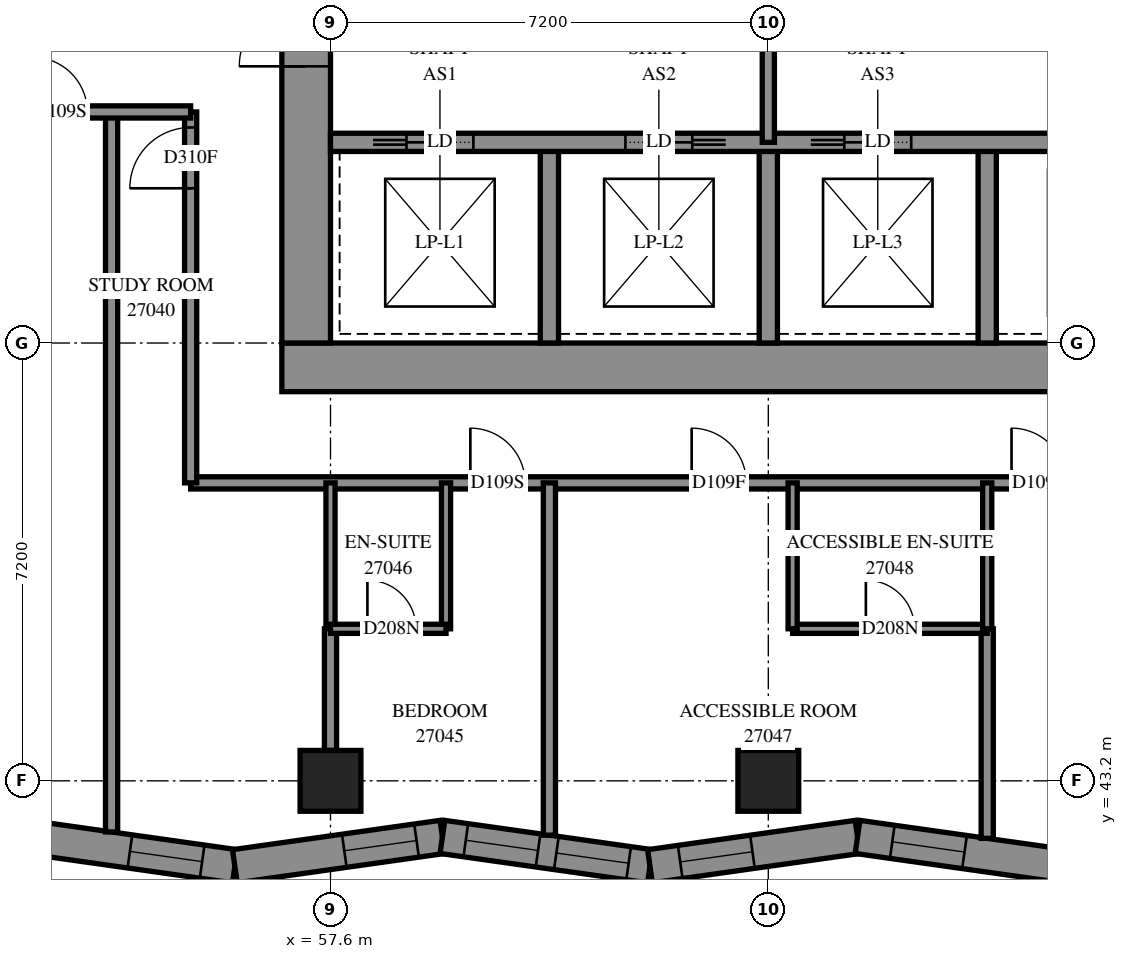
"""IFC4 building model, lengths in metres.
Left out: names, types, materials, properties, quantities, classifications, styles, units other than length and angle.
Written with IfcOpenShell. Run it as: python <this file> out.ifc"""

import sys

from ifc_helpers import new_model, si_unit, direction, frame, frame_2d, origin, origin_2d, place, context, subcontext, project, spatial, polyline, rectangle, outline, extrude, element, fill, save


model = new_model("IFC4")
c1 = context("Model", 3, precision=1e-05, world=origin(), true_north=direction((0.0, 1.0)))
c2 = subcontext(c1, "Body", "Model", "MODEL_VIEW")
j1 = project(units=[si_unit("LENGTHUNIT", "METRE"), si_unit("PLANEANGLEUNIT", "RADIAN")], contexts=[c1])
p1 = place(None, origin())
s1 = spatial("IfcSite", under=j1, at=p1, CompositionType="ELEMENT")
p2 = place(p1, origin())
s2 = spatial("IfcBuilding", under=s1, at=p2, CompositionType="ELEMENT")
p3 = place(p2, frame((0.0, 0.0, 101.6)))
s3 = spatial("IfcBuildingStorey", under=s2, at=p3, CompositionType="ELEMENT", Elevation=101.6)
for number, where, z_axis, x_axis in (
    (1, (57.6, 43.2, 0.0), (0.0, 0.0, 1.0), (1.0, 0.0, 0.0)),
    (2, (64.8, 43.2, 0.0), (0.0, 0.0, 1.0), (1.0, 0.0, 0.0)),
):
    element("IfcColumn", number, at=place(p3, frame(where, z_axis=z_axis, x_axis=x_axis)), inside=s3, PredefinedType="COLUMN", context=c2, shape_type="SweptSolid", body=[
        extrude(rectangle(XDim=1.0, YDim=1.0, at=origin_2d()), origin(), (0.0, 0.0, 1.0), 3.1),
    ])
p4 = place(p3, frame((56.8, 50.0, -0.3), z_axis=(0.0, 0.0, 1.0), x_axis=(1.0, 0.0, 0.0)))
e3 = element("IfcWall", 3, at=p4, inside=s3, PredefinedType="SHEAR", context=c2, shape_type="SweptSolid", body=[
    extrude(rectangle(XDim=16.0, YDim=0.8, at=frame_2d((8.0, 0.0))), origin(), (0.0, 0.0, 1.0), 2.7),
])
p5 = place(p3, frame((57.2, 50.4, -0.3), z_axis=(0.0, 0.0, 1.0), x_axis=(0.0, 1.0, 0.0)))
e4 = element("IfcWall", 4, at=p5, inside=s3, PredefinedType="SHEAR", context=c2, shape_type="SweptSolid", body=[
    extrude(rectangle(XDim=14.4, YDim=0.8, at=frame_2d((7.2, 0.0))), origin(), (0.0, 0.0, 1.0), 2.7),
])
p6 = place(p5, frame((4.55, 0.0, 0.3)))
e5 = element("IfcOpeningElement", 5, at=p6, cuts=e4, PredefinedType="OPENING", context=c2, shape_type="SweptSolid", body=[
    extrude(rectangle(XDim=1.1, YDim=2.1, at=frame_2d((0.55, 1.05))), frame((0.0, 0.41, 0.0), z_axis=(0.0, -1.0, 0.0), x_axis=(1.0, 0.0, 0.0)), (0.0, 0.0, 1.0), 0.82),
])
p7 = place(p5, frame((11.35, 0.0, 0.3)))
e6 = element("IfcOpeningElement", 6, at=p7, cuts=e4, PredefinedType="OPENING", context=c2, shape_type="SweptSolid", body=[
    extrude(rectangle(XDim=1.1, YDim=2.1, at=frame_2d((0.55, 1.05))), frame((0.0, 0.41, 0.0), z_axis=(0.0, -1.0, 0.0), x_axis=(1.0, 0.0, 0.0)), (0.0, 0.0, 1.0), 0.82),
])
for number, where, z_axis, x_axis in (
    (7, (61.2, 50.4, 0.0), (0.0, 0.0, 1.0), (0.0, 1.0, 0.0)),
    (8, (64.8, 50.4, 0.0), (0.0, 0.0, 1.0), (0.0, 1.0, 0.0)),
    (9, (68.4, 50.4, 0.0), (0.0, 0.0, 1.0), (0.0, 1.0, 0.0)),
):
    element("IfcWall", number, at=place(p3, frame(where, z_axis=z_axis, x_axis=x_axis)), inside=s3, PredefinedType="SOLIDWALL", context=c2, shape_type="SweptSolid", body=[
        extrude(rectangle(XDim=3.3, YDim=0.3, at=frame_2d((1.65, 0.0))), origin(), (0.0, 0.0, 1.0), 3.1),
    ])
p8 = place(p3, frame((57.6, 53.7, 0.0), z_axis=(0.0, 0.0, 1.0), x_axis=(1.0, 0.0, 0.0)))
e10 = element("IfcWall", 10, at=p8, inside=s3, PredefinedType="SOLIDWALL", context=c2, shape_type="SweptSolid", body=[
    extrude(rectangle(XDim=14.4, YDim=0.3, at=frame_2d((7.2, 0.0))), origin(), (0.0, 0.0, 1.0), 3.1),
])
p9 = place(p8, frame((1.25, 0.0, 0.0)))
e11 = element("IfcOpeningElement", 11, at=p9, cuts=e10, PredefinedType="OPENING", context=c2, shape_type="SweptSolid", body=[
    extrude(rectangle(XDim=1.1, YDim=2.1, at=frame_2d((0.55, 1.05))), frame((0.0, 0.16, 0.0), z_axis=(0.0, -1.0, 0.0), x_axis=(1.0, 0.0, 0.0)), (0.0, 0.0, 1.0), 0.32),
])
p10 = place(p8, frame((4.85, 0.0, 0.0)))
e12 = element("IfcOpeningElement", 12, at=p10, cuts=e10, PredefinedType="OPENING", context=c2, shape_type="SweptSolid", body=[
    extrude(rectangle(XDim=1.1, YDim=2.1, at=frame_2d((0.55, 1.05))), frame((0.0, 0.16, 0.0), z_axis=(0.0, -1.0, 0.0), x_axis=(1.0, 0.0, 0.0)), (0.0, 0.0, 1.0), 0.32),
])
p11 = place(p8, frame((8.45, 0.0, 0.0)))
e13 = element("IfcOpeningElement", 13, at=p11, cuts=e10, PredefinedType="OPENING", context=c2, shape_type="SweptSolid", body=[
    extrude(rectangle(XDim=1.1, YDim=2.1, at=frame_2d((0.55, 1.05))), frame((0.0, 0.16, 0.0), z_axis=(0.0, -1.0, 0.0), x_axis=(1.0, 0.0, 0.0)), (0.0, 0.0, 1.0), 0.32),
])
p12 = place(p8, frame((12.05, 0.0, 0.0)))
e14 = element("IfcOpeningElement", 14, at=p12, cuts=e10, PredefinedType="OPENING", context=c2, shape_type="SweptSolid", body=[
    extrude(rectangle(XDim=1.1, YDim=2.1, at=frame_2d((0.55, 1.05))), frame((0.0, 0.16, 0.0), z_axis=(0.0, -1.0, 0.0), x_axis=(1.0, 0.0, 0.0)), (0.0, 0.0, 1.0), 0.32),
])
p13 = place(p3, frame((52.59, 42.281, 0.0), z_axis=(0.0, 0.0, 1.0), x_axis=(0.9901775212, -0.1398158663, 0.0)))
e15 = element("IfcWall", 15, at=p13, inside=s3, PredefinedType="SOLIDWALL", context=c2, shape_type="SweptSolid", body=[
    extrude(outline(polyline([(0.062, -0.275), (3.51, -0.275), (3.432, 0.275), (-0.062, 0.275), (0.062, -0.275)])), origin(), (0.0, 0.0, 1.0), 3.1),
])
p14 = place(p13, frame((1.728, 0.0, 0.5)))
e16 = element("IfcOpeningElement", 16, at=p14, cuts=e15, PredefinedType="OPENING", context=c2, shape_type="SweptSolid", body=[
    extrude(rectangle(XDim=1.2, YDim=2.45, at=frame_2d((0.6, 1.225))), frame((0.0, 0.285, 0.0), z_axis=(0.0, -1.0, 0.0), x_axis=(1.0, 0.0, 0.0)), (0.0, 0.0, 1.0), 0.57),
])
p15 = place(p3, frame((56.027, 41.796, 0.0), z_axis=(0.0, 0.0, 1.0), x_axis=(0.9901773547, 0.1398170455, 0.0)))
e17 = element("IfcWall", 17, at=p15, inside=s3, PredefinedType="SOLIDWALL", context=c2, shape_type="SweptSolid", body=[
    extrude(outline(polyline([(-0.039, -0.275), (3.409, -0.275), (3.486, 0.275), (0.039, 0.275), (-0.039, -0.275)])), origin(), (0.0, 0.0, 1.0), 3.1),
])
p16 = place(p15, frame((1.818, 0.0, 0.5)))
e18 = element("IfcOpeningElement", 18, at=p16, cuts=e17, PredefinedType="OPENING", context=c2, shape_type="SweptSolid", body=[
    extrude(rectangle(XDim=1.2, YDim=2.45, at=frame_2d((0.6, 1.225))), frame((0.0, 0.285, 0.0), z_axis=(0.0, -1.0, 0.0), x_axis=(1.0, 0.0, 0.0)), (0.0, 0.0, 1.0), 0.57),
])
p17 = place(p3, frame((59.44, 42.278, 0.0), z_axis=(0.0, 0.0, 1.0), x_axis=(0.9901773547, -0.1398170455, 0.0)))
e19 = element("IfcWall", 19, at=p17, inside=s3, PredefinedType="SOLIDWALL", context=c2, shape_type="SweptSolid", body=[
    extrude(outline(polyline([(0.039, -0.275), (3.486, -0.275), (3.409, 0.275), (-0.039, 0.275), (0.039, -0.275)])), origin(), (0.0, 0.0, 1.0), 3.1),
])
p18 = place(p17, frame((0.389, 0.0, 0.5)))
e20 = element("IfcOpeningElement", 20, at=p18, cuts=e19, PredefinedType="OPENING", context=c2, shape_type="SweptSolid", body=[
    extrude(rectangle(XDim=1.2, YDim=2.45, at=frame_2d((0.6, 1.225))), frame((0.0, 0.285, 0.0), z_axis=(0.0, -1.0, 0.0), x_axis=(1.0, 0.0, 0.0)), (0.0, 0.0, 1.0), 0.57),
])
p19 = place(p17, frame((1.893, 0.0, 0.5)))
e21 = element("IfcOpeningElement", 21, at=p19, cuts=e19, PredefinedType="OPENING", context=c2, shape_type="SweptSolid", body=[
    extrude(rectangle(XDim=1.2, YDim=2.45, at=frame_2d((0.6, 1.225))), frame((0.0, 0.285, 0.0), z_axis=(0.0, -1.0, 0.0), x_axis=(1.0, 0.0, 0.0)), (0.0, 0.0, 1.0), 0.57),
])
p20 = place(p3, frame((62.854, 41.796, 0.0), z_axis=(0.0, 0.0, 1.0), x_axis=(0.9901767876, 0.1398210616, 0.0)))
e22 = element("IfcWall", 22, at=p20, inside=s3, PredefinedType="SOLIDWALL", context=c2, shape_type="SweptSolid", body=[
    extrude(outline(polyline([(-0.039, -0.275), (3.409, -0.275), (3.486, 0.275), (0.039, 0.275), (-0.039, -0.275)])), origin(), (0.0, 0.0, 1.0), 3.1),
])
p21 = place(p20, frame((0.502, 0.0, 0.5)))
e23 = element("IfcOpeningElement", 23, at=p21, cuts=e22, PredefinedType="OPENING", context=c2, shape_type="SweptSolid", body=[
    extrude(rectangle(XDim=1.2, YDim=2.45, at=frame_2d((0.6, 1.225))), frame((0.0, 0.285, 0.0), z_axis=(0.0, -1.0, 0.0), x_axis=(1.0, 0.0, 0.0)), (0.0, 0.0, 1.0), 0.57),
])
p22 = place(p3, frame((66.267, 42.278, 0.0), z_axis=(0.0, 0.0, 1.0), x_axis=(0.9901773547, -0.1398170455, 0.0)))
e24 = element("IfcWall", 24, at=p22, inside=s3, PredefinedType="SOLIDWALL", context=c2, shape_type="SweptSolid", body=[
    extrude(outline(polyline([(0.039, -0.275), (3.486, -0.275), (3.409, 0.275), (-0.039, 0.275), (0.039, -0.275)])), origin(), (0.0, 0.0, 1.0), 3.1),
])
p23 = place(p22, frame((0.577, 0.0, 0.5)))
e25 = element("IfcOpeningElement", 25, at=p23, cuts=e24, PredefinedType="OPENING", context=c2, shape_type="SweptSolid", body=[
    extrude(rectangle(XDim=1.2, YDim=2.45, at=frame_2d((0.6, 1.225))), frame((0.0, 0.285, 0.0), z_axis=(0.0, -1.0, 0.0), x_axis=(1.0, 0.0, 0.0)), (0.0, 0.0, 1.0), 0.57),
])
p24 = place(p3, frame((64.8, 53.7, 0.0), z_axis=(0.0, 0.0, 1.0), x_axis=(0.0, 1.0, 0.0)))
e26 = element("IfcWall", 26, at=p24, inside=s3, PredefinedType="PARTITIONING", context=c2, shape_type="SweptSolid", body=[
    extrude(rectangle(XDim=3.6, YDim=0.2, at=frame_2d((1.8, 0.0))), origin(), (0.0, 0.0, 1.0), 3.1),
])
p25 = place(p3, frame((55.3, 48.1, 0.0), z_axis=(0.0, 0.0, 1.0), x_axis=(1.0, 0.0, 0.0)))
e27 = element("IfcWall", 27, at=p25, inside=s3, PredefinedType="PARTITIONING", context=c2, shape_type="SweptSolid", body=[
    extrude(rectangle(XDim=19.092, YDim=0.2, at=frame_2d((9.546, 0.0))), origin(), (0.0, 0.0, 1.0), 3.1),
])
p26 = place(p25, frame((4.6, 0.0, 0.0)))
e28 = element("IfcOpeningElement", 28, at=p26, cuts=e27, PredefinedType="OPENING", context=c2, shape_type="SweptSolid", body=[
    extrude(rectangle(XDim=0.9, YDim=2.1, at=frame_2d((0.45, 1.05))), frame((0.0, 0.11, 0.0), z_axis=(0.0, -1.0, 0.0), x_axis=(1.0, 0.0, 0.0)), (0.0, 0.0, 1.0), 0.22),
])
p27 = place(p25, frame((8.239, 0.0, 0.0)))
e29 = element("IfcOpeningElement", 29, at=p27, cuts=e27, PredefinedType="OPENING", context=c2, shape_type="SweptSolid", body=[
    extrude(rectangle(XDim=0.9, YDim=2.1, at=frame_2d((0.45, 1.05))), frame((0.0, 0.11, 0.0), z_axis=(0.0, -1.0, 0.0), x_axis=(1.0, 0.0, 0.0)), (0.0, 0.0, 1.0), 0.22),
])
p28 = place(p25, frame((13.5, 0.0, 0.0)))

=====

* WORK ITEM
If a line of the data contains "SOLIDWALL", copy it out.

* RESPONSE FOR THIS EXERCISE
    element("IfcWall", number, at=place(p3, frame(where, z_axis=z_axis, x_axis=x_axis)), inside=s3, PredefinedType="SOLIDWALL", context=c2, shape_type="SweptSolid", body=[
e10 = element("IfcWall", 10, at=p8, inside=s3, PredefinedType="SOLIDWALL", context=c2, shape_type="SweptSolid", body=[
e15 = element("IfcWall", 15, at=p13, inside=s3, PredefinedType="SOLIDWALL", context=c2, shape_type="SweptSolid", body=[
e17 = element("IfcWall", 17, at=p15, inside=s3, PredefinedType="SOLIDWALL", context=c2, shape_type="SweptSolid", body=[
e19 = element("IfcWall", 19, at=p17, inside=s3, PredefinedType="SOLIDWALL", context=c2, shape_type="SweptSolid", body=[
e22 = element("IfcWall", 22, at=p20, inside=s3, PredefinedType="SOLIDWALL", context=c2, shape_type="SweptSolid", body=[
e24 = element("IfcWall", 24, at=p22, inside=s3, PredefinedType="SOLIDWALL", context=c2, shape_type="SweptSolid", body=[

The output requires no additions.